Dataset items:
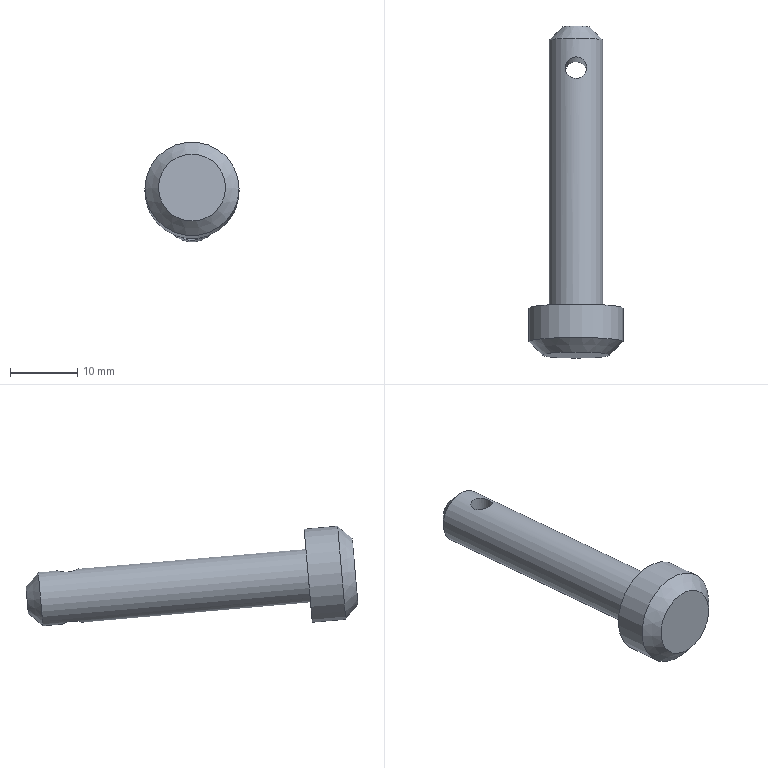Component | NX | PIN | 1 solid | 8 faces | box 14 x 49.42 x 14.88 mm | volume 3004 mm3 | cylinder 3 | plane 3 | cone 2 | commonest cylinder face diameters 8 x1 14 x1 3.2 x1
STEP:
#1=CARTESIAN_POINT('',(0.,0.,0.));
#2=DIRECTION('',(0.,0.,1.));
#3=DIRECTION('',(1.,0.,0.));
#4=AXIS2_PLACEMENT_3D('',#1,#2,#3);
#5=CARTESIAN_POINT('',(279.941,470.083,-25.853));
#6=VERTEX_POINT('',#5);
#7=CARTESIAN_POINT('',(275.941,470.083,-25.853));
#8=DIRECTION('',(0.,-0.9962,0.08716));
#9=DIRECTION('',(1.,0.,0.));
#10=AXIS2_PLACEMENT_3D('',#7,#8,#9);
#11=CIRCLE('',#10,4.);
#12=CARTESIAN_POINT('',(275.941,430.235,-22.367));
#13=DIRECTION('',(0.,0.9962,-0.08716));
#14=DIRECTION('',(-1.,0.,0.));
#15=AXIS2_PLACEMENT_3D('',#12,#13,#14);
#16=CYLINDRICAL_SURFACE('',#15,4.);
#17=CARTESIAN_POINT('',(9.425,40.));
#18=DIRECTION('',(-1.,0.));
#19=VECTOR('',#18,1.);
#20=LINE('',#17,#19);
#21=(GEOMETRIC_REPRESENTATION_CONTEXT(2)PARAMETRIC_REPRESENTATION_CONTEXT()REPRESENTATION_CONTEXT('',''));
#22=DEFINITIONAL_REPRESENTATION('',(#20),#21);
#23=PCURVE('',#16,#22);
#24=CARTESIAN_POINT('',(275.941,470.083,-25.853));
#25=DIRECTION('',(0.,-0.9962,0.08716));
#26=DIRECTION('',(1.,-0.,-0.));
#27=AXIS2_PLACEMENT_3D('',#24,#25,#26);
#28=CONICAL_SURFACE('',#27,4.,0.7854);
#29=CARTESIAN_POINT('',(0.,0.));
#30=DIRECTION('',(1.,0.));
#31=VECTOR('',#30,1.);
#32=LINE('',#29,#31);
#33=(GEOMETRIC_REPRESENTATION_CONTEXT(2)PARAMETRIC_REPRESENTATION_CONTEXT()REPRESENTATION_CONTEXT('',''));
#34=DEFINITIONAL_REPRESENTATION('',(#32),#33);
#35=PCURVE('',#28,#34);
#36=SURFACE_CURVE('',#11,(#23,#35),.PCURVE_S1.);
#37=EDGE_CURVE('',#6,#6,#36,.T.);
#38=ORIENTED_EDGE('',*,*,#37,.T.);
#39=CARTESIAN_POINT('',(279.941,430.235,-22.367));
#40=VERTEX_POINT('',#39);
#41=CARTESIAN_POINT('',(279.941,430.235,-22.367));
#42=CARTESIAN_POINT('',(279.941,470.083,-25.853));
#43=B_SPLINE_CURVE_WITH_KNOTS('',1,(#41,#42),.UNSPECIFIED.,.F.,.F.,(2,2),(0.,40.),.PIECEWISE_BEZIER_KNOTS.);
#44=CARTESIAN_POINT('',(3.142,0.));
#45=DIRECTION('',(0.,1.));
#46=VECTOR('',#45,1.);
#47=LINE('',#44,#46);
#48=(GEOMETRIC_REPRESENTATION_CONTEXT(2)PARAMETRIC_REPRESENTATION_CONTEXT()REPRESENTATION_CONTEXT('',''));
#49=DEFINITIONAL_REPRESENTATION('',(#47),#48);
#50=PCURVE('',#16,#49);
#51=CARTESIAN_POINT('',(9.425,0.));
#52=DIRECTION('',(0.,1.));
#53=VECTOR('',#52,1.);
#54=LINE('',#51,#53);
#55=(GEOMETRIC_REPRESENTATION_CONTEXT(2)PARAMETRIC_REPRESENTATION_CONTEXT()REPRESENTATION_CONTEXT('',''));
#56=DEFINITIONAL_REPRESENTATION('',(#54),#55);
#57=PCURVE('',#16,#56);
#58=SEAM_CURVE('',#43,(#50,#57),.PCURVE_S1.);
#59=EDGE_CURVE('',#40,#6,#58,.T.);
#60=ORIENTED_EDGE('',*,*,#59,.F.);
#61=CARTESIAN_POINT('',(275.941,430.235,-22.367));
#62=DIRECTION('',(0.,-0.9962,0.08716));
#63=DIRECTION('',(1.,0.,0.));
#64=AXIS2_PLACEMENT_3D('',#61,#62,#63);
#65=CIRCLE('',#64,4.);
#66=CARTESIAN_POINT('',(9.425,0.));
#67=DIRECTION('',(-1.,0.));
#68=VECTOR('',#67,1.);
#69=LINE('',#66,#68);
#70=(GEOMETRIC_REPRESENTATION_CONTEXT(2)PARAMETRIC_REPRESENTATION_CONTEXT()REPRESENTATION_CONTEXT('',''));
#71=DEFINITIONAL_REPRESENTATION('',(#69),#70);
#72=PCURVE('',#16,#71);
#73=CARTESIAN_POINT('',(275.941,430.235,-22.367));
#74=DIRECTION('',(0.,-0.9962,0.08716));
#75=DIRECTION('',(1.,0.,0.));
#76=AXIS2_PLACEMENT_3D('',#73,#74,#75);
#77=PLANE('',#76);
#78=CARTESIAN_POINT('',(0.,0.));
#79=DIRECTION('',(1.,0.));
#80=AXIS2_PLACEMENT_2D('',#78,#79);
#81=CIRCLE('',#80,4.);
#82=(GEOMETRIC_REPRESENTATION_CONTEXT(2)PARAMETRIC_REPRESENTATION_CONTEXT()REPRESENTATION_CONTEXT('',''));
#83=DEFINITIONAL_REPRESENTATION('',(#81),#82);
#84=PCURVE('',#77,#83);
#85=SURFACE_CURVE('',#65,(#72,#84),.PCURVE_S1.);
#86=EDGE_CURVE('',#40,#40,#85,.T.);
#87=ORIENTED_EDGE('',*,*,#86,.F.);
#88=ORIENTED_EDGE('',*,*,#59,.T.);
#89=EDGE_LOOP('',(#38,#60,#87,#88));
#90=FACE_BOUND('',#89,.T.);
#91=CARTESIAN_POINT('',(275.941,464.455,-21.345));
#92=VERTEX_POINT('',#91);
#93=CARTESIAN_POINT('',(275.941,464.455,-21.345));
#94=CARTESIAN_POINT('',(276.113,464.455,-21.345));
#95=CARTESIAN_POINT('',(276.287,464.482,-21.359));
#96=CARTESIAN_POINT('',(276.448,464.534,-21.384));
#97=CARTESIAN_POINT('',(276.609,464.586,-21.41));
#98=CARTESIAN_POINT('',(276.763,464.663,-21.446));
#99=CARTESIAN_POINT('',(276.897,464.761,-21.488));
#100=CARTESIAN_POINT('',(277.038,464.862,-21.532));
#101=CARTESIAN_POINT('',(277.162,464.987,-21.582));
#102=CARTESIAN_POINT('',(277.261,465.128,-21.629));
#103=CARTESIAN_POINT('',(277.364,465.275,-21.678));
#104=CARTESIAN_POINT('',(277.443,465.444,-21.725));
#105=CARTESIAN_POINT('',(277.49,465.621,-21.76));
#106=CARTESIAN_POINT('',(277.534,465.79,-21.794));
#107=CARTESIAN_POINT('',(277.55,465.972,-21.817));
#108=CARTESIAN_POINT('',(277.536,466.149,-21.826));
#109=CARTESIAN_POINT('',(277.522,466.314,-21.835));
#110=CARTESIAN_POINT('',(277.483,466.479,-21.832));
#111=CARTESIAN_POINT('',(277.42,466.632,-21.82));
#112=CARTESIAN_POINT('',(277.356,466.788,-21.808));
#113=CARTESIAN_POINT('',(277.268,466.935,-21.788));
#114=CARTESIAN_POINT('',(277.16,467.064,-21.764));
#115=CARTESIAN_POINT('',(277.045,467.203,-21.739));
#116=CARTESIAN_POINT('',(276.905,467.323,-21.711));
#117=CARTESIAN_POINT('',(276.75,467.417,-21.687));
#118=CARTESIAN_POINT('',(276.592,467.511,-21.663));
#119=CARTESIAN_POINT('',(276.415,467.58,-21.642));
#120=CARTESIAN_POINT('',(276.233,467.615,-21.632));
#121=CARTESIAN_POINT('',(276.061,467.648,-21.622));
#122=CARTESIAN_POINT('',(275.882,467.651,-21.621));
#123=CARTESIAN_POINT('',(275.709,467.625,-21.629));
#124=CARTESIAN_POINT('',(275.544,467.6,-21.637));
#125=CARTESIAN_POINT('',(275.382,467.548,-21.652));
#126=CARTESIAN_POINT('',(275.234,467.473,-21.672));
#127=CARTESIAN_POINT('',(275.082,467.396,-21.693));
#128=CARTESIAN_POINT('',(274.941,467.293,-21.719));
#129=CARTESIAN_POINT('',(274.821,467.173,-21.743));
#130=CARTESIAN_POINT('',(274.693,467.044,-21.77));
#131=CARTESIAN_POINT('',(274.585,466.892,-21.795));
#132=CARTESIAN_POINT('',(274.505,466.728,-21.812));
#133=CARTESIAN_POINT('',(274.425,466.562,-21.828));
#134=CARTESIAN_POINT('',(274.371,466.379,-21.836));
#135=CARTESIAN_POINT('',(274.351,466.195,-21.828));
#136=CARTESIAN_POINT('',(274.332,466.025,-21.822));
#137=CARTESIAN_POINT('',(274.341,465.849,-21.802));
#138=CARTESIAN_POINT('',(274.377,465.684,-21.772));
#139=CARTESIAN_POINT('',(274.412,465.525,-21.744));
#140=CARTESIAN_POINT('',(274.472,465.372,-21.705));
#141=CARTESIAN_POINT('',(274.553,465.235,-21.663));
#142=CARTESIAN_POINT('',(274.638,465.089,-21.618));
#143=CARTESIAN_POINT('',(274.748,464.957,-21.569));
#144=CARTESIAN_POINT('',(274.876,464.847,-21.524));
#145=CARTESIAN_POINT('',(275.011,464.729,-21.476));
#146=CARTESIAN_POINT('',(275.171,464.633,-21.432));
#147=CARTESIAN_POINT('',(275.341,464.567,-21.4));
#148=CARTESIAN_POINT('',(275.508,464.502,-21.369));
#149=CARTESIAN_POINT('',(275.691,464.464,-21.349));
#150=CARTESIAN_POINT('',(275.873,464.456,-21.346));
#151=CARTESIAN_POINT('',(275.896,464.455,-21.345));
#152=CARTESIAN_POINT('',(275.918,464.455,-21.345));
#153=CARTESIAN_POINT('',(275.941,464.455,-21.345));
#154=B_SPLINE_CURVE_WITH_KNOTS('',3,(#93,#94,#95,#96,#97,#98,#99,#100,#101,#102,#103,#104,#105,#106,#107,#108,#109,#110,#111,#112,#113,#114,#115,#116,#117,#118,#119,#120,#121,#122,#123,#124,#125,#126,#127,#128,#129,#130,#131,#132,#133,#134,#135,#136,#137,#138,#139,#140,#141,#142,#143,#144,#145,#146,#147,#148,#149,#150,#151,#152,#153),.UNSPECIFIED.,.T.,.F.,(1,3,3,3,3,3,3,3,3,3,3,3,3,3,3,3,3,3,3,3,3,3,1),(-0.006652,0.,0.05091,0.1017,0.1546,0.2101,0.2629,0.312,0.3621,0.4161,0.4713,0.5231,0.5725,0.6234,0.6778,0.7328,0.7837,0.8325,0.8842,0.9393,0.9933,1.,1.051),.UNSPECIFIED.);
#155=CARTESIAN_POINT('',(7.854,34.));
#156=CARTESIAN_POINT('',(7.864,34.));
#157=CARTESIAN_POINT('',(7.883,34.003));
#158=CARTESIAN_POINT('',(7.912,34.015));
#159=CARTESIAN_POINT('',(7.94,34.036));
#160=CARTESIAN_POINT('',(7.968,34.065));
#161=CARTESIAN_POINT('',(7.995,34.101));
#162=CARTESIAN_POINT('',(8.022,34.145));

WHAT YOU NEED TO DO
The lines to be transcribed are those from the first line of the data above through the line holding "#20=LINE('',#17,#19);", inclusive; copy them exactly and only, leaving out the pictures.

REPLY
Component | NX | PIN | 1 solid | 8 faces | box 14 x 49.42 x 14.88 mm | volume 3004 mm3 | cylinder 3 | plane 3 | cone 2 | commonest cylinder face diameters 8 x1 14 x1 3.2 x1
STEP:
#1=CARTESIAN_POINT('',(0.,0.,0.));
#2=DIRECTION('',(0.,0.,1.));
#3=DIRECTION('',(1.,0.,0.));
#4=AXIS2_PLACEMENT_3D('',#1,#2,#3);
#5=CARTESIAN_POINT('',(279.941,470.083,-25.853));
#6=VERTEX_POINT('',#5);
#7=CARTESIAN_POINT('',(275.941,470.083,-25.853));
#8=DIRECTION('',(0.,-0.9962,0.08716));
#9=DIRECTION('',(1.,0.,0.));
#10=AXIS2_PLACEMENT_3D('',#7,#8,#9);
#11=CIRCLE('',#10,4.);
#12=CARTESIAN_POINT('',(275.941,430.235,-22.367));
#13=DIRECTION('',(0.,0.9962,-0.08716));
#14=DIRECTION('',(-1.,0.,0.));
#15=AXIS2_PLACEMENT_3D('',#12,#13,#14);
#16=CYLINDRICAL_SURFACE('',#15,4.);
#17=CARTESIAN_POINT('',(9.425,40.));
#18=DIRECTION('',(-1.,0.));
#19=VECTOR('',#18,1.);
#20=LINE('',#17,#19);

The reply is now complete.